**Records supplied**
+ + + +

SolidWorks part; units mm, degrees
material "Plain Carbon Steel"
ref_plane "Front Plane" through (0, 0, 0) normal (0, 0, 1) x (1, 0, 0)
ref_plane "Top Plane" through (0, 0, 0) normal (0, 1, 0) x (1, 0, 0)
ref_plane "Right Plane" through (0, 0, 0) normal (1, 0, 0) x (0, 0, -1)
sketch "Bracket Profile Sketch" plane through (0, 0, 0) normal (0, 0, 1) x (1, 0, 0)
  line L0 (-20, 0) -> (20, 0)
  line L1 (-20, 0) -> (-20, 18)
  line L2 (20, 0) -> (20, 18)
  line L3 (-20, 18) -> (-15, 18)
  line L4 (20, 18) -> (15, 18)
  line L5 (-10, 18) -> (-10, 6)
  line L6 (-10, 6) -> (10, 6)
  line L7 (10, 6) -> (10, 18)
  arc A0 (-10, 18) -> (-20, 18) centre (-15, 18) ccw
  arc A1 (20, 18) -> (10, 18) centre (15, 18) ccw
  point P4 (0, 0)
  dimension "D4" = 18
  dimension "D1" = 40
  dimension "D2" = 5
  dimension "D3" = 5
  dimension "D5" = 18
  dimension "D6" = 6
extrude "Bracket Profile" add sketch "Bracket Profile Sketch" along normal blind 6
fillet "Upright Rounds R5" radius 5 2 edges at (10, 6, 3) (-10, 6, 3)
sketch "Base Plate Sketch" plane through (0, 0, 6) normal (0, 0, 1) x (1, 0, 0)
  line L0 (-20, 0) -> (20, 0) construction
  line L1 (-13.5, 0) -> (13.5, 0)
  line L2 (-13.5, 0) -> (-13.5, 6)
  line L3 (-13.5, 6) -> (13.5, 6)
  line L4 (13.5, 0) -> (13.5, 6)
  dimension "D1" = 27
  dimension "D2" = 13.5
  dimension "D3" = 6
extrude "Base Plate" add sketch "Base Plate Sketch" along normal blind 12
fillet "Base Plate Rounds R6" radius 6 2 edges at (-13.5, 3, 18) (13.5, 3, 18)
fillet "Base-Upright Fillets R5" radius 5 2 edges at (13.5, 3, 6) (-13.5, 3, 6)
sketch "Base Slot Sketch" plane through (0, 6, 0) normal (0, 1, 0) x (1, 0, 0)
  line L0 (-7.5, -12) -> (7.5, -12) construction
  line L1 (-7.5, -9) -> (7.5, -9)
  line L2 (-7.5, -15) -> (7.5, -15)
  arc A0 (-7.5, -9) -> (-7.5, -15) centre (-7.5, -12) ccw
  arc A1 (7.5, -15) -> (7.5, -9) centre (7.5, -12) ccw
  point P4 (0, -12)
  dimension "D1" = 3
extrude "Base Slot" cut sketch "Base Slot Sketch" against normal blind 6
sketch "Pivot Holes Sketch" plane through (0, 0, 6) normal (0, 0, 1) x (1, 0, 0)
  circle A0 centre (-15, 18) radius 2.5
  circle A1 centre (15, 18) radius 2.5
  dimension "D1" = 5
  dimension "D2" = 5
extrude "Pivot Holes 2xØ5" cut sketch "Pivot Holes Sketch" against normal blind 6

+ + + +

**Your instructions**
Only output the lines from the one with "line L1 (-7.5, -9) -> (7.5, -9)" through the end of the entries above, exactly as they are.

**Expected answer**
  line L1 (-7.5, -9) -> (7.5, -9)
  line L2 (-7.5, -15) -> (7.5, -15)
  arc A0 (-7.5, -9) -> (-7.5, -15) centre (-7.5, -12) ccw
  arc A1 (7.5, -15) -> (7.5, -9) centre (7.5, -12) ccw
  point P4 (0, -12)
  dimension "D1" = 3
extrude "Base Slot" cut sketch "Base Slot Sketch" against normal blind 6
sketch "Pivot Holes Sketch" plane through (0, 0, 6) normal (0, 0, 1) x (1, 0, 0)
  circle A0 centre (-15, 18) radius 2.5
  circle A1 centre (15, 18) radius 2.5
  dimension "D1" = 5
  dimension "D2" = 5
extrude "Pivot Holes 2xØ5" cut sketch "Pivot Holes Sketch" against normal blind 6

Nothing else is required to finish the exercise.